- [Listed records]

....

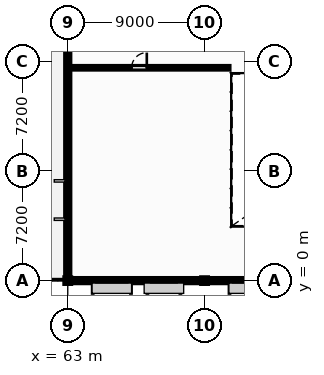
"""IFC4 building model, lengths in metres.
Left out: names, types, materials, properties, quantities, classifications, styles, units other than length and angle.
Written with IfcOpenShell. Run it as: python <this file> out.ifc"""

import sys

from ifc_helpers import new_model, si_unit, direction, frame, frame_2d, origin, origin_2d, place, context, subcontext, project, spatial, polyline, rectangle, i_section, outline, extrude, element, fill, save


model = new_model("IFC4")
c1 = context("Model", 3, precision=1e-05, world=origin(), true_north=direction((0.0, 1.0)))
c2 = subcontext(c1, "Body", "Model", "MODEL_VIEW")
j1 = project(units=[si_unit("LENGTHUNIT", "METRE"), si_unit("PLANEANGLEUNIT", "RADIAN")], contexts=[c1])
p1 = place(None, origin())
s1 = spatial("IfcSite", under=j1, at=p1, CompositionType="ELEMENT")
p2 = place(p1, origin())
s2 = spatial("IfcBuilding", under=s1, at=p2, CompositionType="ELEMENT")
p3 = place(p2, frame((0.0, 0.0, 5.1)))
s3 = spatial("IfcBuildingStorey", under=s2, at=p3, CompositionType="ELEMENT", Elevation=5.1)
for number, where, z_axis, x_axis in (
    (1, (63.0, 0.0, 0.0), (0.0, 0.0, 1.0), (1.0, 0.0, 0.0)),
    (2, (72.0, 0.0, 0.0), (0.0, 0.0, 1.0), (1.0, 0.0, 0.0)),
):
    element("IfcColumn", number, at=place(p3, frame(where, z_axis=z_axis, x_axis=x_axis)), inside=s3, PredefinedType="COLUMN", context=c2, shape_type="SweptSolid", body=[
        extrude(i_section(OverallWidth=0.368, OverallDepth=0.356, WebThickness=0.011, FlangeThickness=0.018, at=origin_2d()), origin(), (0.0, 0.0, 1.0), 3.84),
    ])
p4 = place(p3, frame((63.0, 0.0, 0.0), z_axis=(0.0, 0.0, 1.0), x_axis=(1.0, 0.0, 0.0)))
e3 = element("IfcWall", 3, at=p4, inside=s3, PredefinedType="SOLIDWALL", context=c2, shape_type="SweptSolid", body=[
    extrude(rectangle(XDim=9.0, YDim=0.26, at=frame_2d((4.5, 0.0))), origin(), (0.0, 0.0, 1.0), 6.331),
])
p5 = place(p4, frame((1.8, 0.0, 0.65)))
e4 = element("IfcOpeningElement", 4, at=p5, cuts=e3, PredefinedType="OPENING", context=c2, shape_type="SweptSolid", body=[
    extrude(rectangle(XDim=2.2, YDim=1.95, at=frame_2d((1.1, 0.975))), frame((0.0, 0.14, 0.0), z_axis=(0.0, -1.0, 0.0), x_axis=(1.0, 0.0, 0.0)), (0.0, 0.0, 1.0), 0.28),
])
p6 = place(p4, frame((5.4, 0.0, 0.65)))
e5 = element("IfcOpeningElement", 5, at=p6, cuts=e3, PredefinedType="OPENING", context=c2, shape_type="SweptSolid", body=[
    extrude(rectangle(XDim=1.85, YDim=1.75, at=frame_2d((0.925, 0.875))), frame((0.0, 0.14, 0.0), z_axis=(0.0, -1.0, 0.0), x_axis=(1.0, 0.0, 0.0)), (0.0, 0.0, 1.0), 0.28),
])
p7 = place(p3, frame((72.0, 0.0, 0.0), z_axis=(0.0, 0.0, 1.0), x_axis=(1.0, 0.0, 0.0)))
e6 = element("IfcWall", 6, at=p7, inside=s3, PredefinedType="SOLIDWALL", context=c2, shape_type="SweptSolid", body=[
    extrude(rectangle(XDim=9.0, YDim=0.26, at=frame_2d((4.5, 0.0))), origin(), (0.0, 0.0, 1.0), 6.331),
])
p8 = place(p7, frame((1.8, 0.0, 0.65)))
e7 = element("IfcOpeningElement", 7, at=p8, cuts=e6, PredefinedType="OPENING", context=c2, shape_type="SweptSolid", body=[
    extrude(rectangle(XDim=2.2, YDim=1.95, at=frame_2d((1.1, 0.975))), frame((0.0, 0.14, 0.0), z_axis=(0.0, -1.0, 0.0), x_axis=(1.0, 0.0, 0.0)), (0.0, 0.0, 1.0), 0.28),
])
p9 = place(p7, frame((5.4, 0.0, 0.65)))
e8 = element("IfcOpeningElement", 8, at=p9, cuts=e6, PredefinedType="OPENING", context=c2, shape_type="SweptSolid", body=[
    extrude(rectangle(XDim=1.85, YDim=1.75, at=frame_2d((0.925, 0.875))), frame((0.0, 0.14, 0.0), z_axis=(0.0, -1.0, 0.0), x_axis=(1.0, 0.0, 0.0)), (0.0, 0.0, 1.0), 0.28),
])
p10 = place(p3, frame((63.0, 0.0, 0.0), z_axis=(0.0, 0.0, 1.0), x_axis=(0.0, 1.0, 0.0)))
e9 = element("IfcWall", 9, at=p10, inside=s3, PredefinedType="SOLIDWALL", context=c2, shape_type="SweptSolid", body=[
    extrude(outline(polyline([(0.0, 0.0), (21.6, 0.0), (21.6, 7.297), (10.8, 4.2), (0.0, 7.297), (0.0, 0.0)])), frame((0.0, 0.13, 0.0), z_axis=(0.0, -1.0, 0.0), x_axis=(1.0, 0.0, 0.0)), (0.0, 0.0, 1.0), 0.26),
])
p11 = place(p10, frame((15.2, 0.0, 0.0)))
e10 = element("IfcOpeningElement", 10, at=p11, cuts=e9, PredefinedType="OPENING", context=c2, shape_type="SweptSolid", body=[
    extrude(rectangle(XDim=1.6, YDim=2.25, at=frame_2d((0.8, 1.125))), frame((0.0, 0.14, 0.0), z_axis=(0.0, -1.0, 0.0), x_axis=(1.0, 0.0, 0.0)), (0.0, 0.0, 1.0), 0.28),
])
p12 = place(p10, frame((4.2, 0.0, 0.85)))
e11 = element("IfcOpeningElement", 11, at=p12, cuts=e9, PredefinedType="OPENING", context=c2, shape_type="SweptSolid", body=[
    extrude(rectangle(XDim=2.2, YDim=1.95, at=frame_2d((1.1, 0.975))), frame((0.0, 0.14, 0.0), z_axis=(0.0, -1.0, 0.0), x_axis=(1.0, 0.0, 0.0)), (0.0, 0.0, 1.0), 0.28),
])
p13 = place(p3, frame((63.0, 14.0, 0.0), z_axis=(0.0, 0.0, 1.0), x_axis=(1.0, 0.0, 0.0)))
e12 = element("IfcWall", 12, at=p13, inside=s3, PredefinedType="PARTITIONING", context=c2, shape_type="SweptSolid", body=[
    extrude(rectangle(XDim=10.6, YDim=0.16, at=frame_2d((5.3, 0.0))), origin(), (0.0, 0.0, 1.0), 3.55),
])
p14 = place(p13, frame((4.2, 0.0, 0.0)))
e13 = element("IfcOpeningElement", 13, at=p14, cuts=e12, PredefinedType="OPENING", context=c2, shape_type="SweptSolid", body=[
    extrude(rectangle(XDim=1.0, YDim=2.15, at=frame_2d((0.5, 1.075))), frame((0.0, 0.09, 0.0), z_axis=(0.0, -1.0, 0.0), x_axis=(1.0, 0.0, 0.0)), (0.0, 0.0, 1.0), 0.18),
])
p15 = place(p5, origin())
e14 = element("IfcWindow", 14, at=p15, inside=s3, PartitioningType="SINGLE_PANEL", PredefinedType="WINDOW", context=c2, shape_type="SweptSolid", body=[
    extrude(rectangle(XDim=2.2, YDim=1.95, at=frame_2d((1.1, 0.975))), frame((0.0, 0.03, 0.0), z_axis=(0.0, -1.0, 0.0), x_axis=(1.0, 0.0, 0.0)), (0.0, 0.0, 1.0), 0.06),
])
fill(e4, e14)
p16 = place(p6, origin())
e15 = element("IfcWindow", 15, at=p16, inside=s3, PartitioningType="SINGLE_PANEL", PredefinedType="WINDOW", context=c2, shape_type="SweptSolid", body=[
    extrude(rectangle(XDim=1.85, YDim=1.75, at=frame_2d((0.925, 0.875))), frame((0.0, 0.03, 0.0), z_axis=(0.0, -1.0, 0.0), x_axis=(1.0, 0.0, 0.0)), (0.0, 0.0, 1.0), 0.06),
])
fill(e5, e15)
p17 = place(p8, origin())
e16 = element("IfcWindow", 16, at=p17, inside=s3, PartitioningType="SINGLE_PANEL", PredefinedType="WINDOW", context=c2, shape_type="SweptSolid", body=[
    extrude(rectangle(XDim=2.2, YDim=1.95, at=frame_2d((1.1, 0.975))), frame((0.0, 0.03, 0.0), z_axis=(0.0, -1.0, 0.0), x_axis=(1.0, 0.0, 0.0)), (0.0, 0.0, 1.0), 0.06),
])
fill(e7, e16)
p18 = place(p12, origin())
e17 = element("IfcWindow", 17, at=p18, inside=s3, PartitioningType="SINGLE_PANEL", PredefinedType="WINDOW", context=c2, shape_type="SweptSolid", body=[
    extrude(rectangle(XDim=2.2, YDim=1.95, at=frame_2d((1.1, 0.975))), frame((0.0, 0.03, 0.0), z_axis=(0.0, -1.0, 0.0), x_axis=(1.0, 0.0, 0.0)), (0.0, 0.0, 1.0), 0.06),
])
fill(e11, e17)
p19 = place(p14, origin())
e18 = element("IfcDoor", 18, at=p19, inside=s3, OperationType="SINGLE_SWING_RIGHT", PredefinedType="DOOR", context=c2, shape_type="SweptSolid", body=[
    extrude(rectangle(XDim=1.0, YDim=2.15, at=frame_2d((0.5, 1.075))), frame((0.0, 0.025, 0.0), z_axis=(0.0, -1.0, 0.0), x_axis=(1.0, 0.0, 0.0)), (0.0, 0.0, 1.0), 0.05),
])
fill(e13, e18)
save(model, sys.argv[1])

....

- [Exercise prompt] Restate word for word only the lines from where the entries begin through the one with "p2 = place(p1, origin())"; omit the pictures.

- [Solution]
"""IFC4 building model, lengths in metres.
Left out: names, types, materials, properties, quantities, classifications, styles, units other than length and angle.
Written with IfcOpenShell. Run it as: python <this file> out.ifc"""

import sys

from ifc_helpers import new_model, si_unit, direction, frame, frame_2d, origin, origin_2d, place, context, subcontext, project, spatial, polyline, rectangle, i_section, outline, extrude, element, fill, save


model = new_model("IFC4")
c1 = context("Model", 3, precision=1e-05, world=origin(), true_north=direction((0.0, 1.0)))
c2 = subcontext(c1, "Body", "Model", "MODEL_VIEW")
j1 = project(units=[si_unit("LENGTHUNIT", "METRE"), si_unit("PLANEANGLEUNIT", "RADIAN")], contexts=[c1])
p1 = place(None, origin())
s1 = spatial("IfcSite", under=j1, at=p1, CompositionType="ELEMENT")
p2 = place(p1, origin())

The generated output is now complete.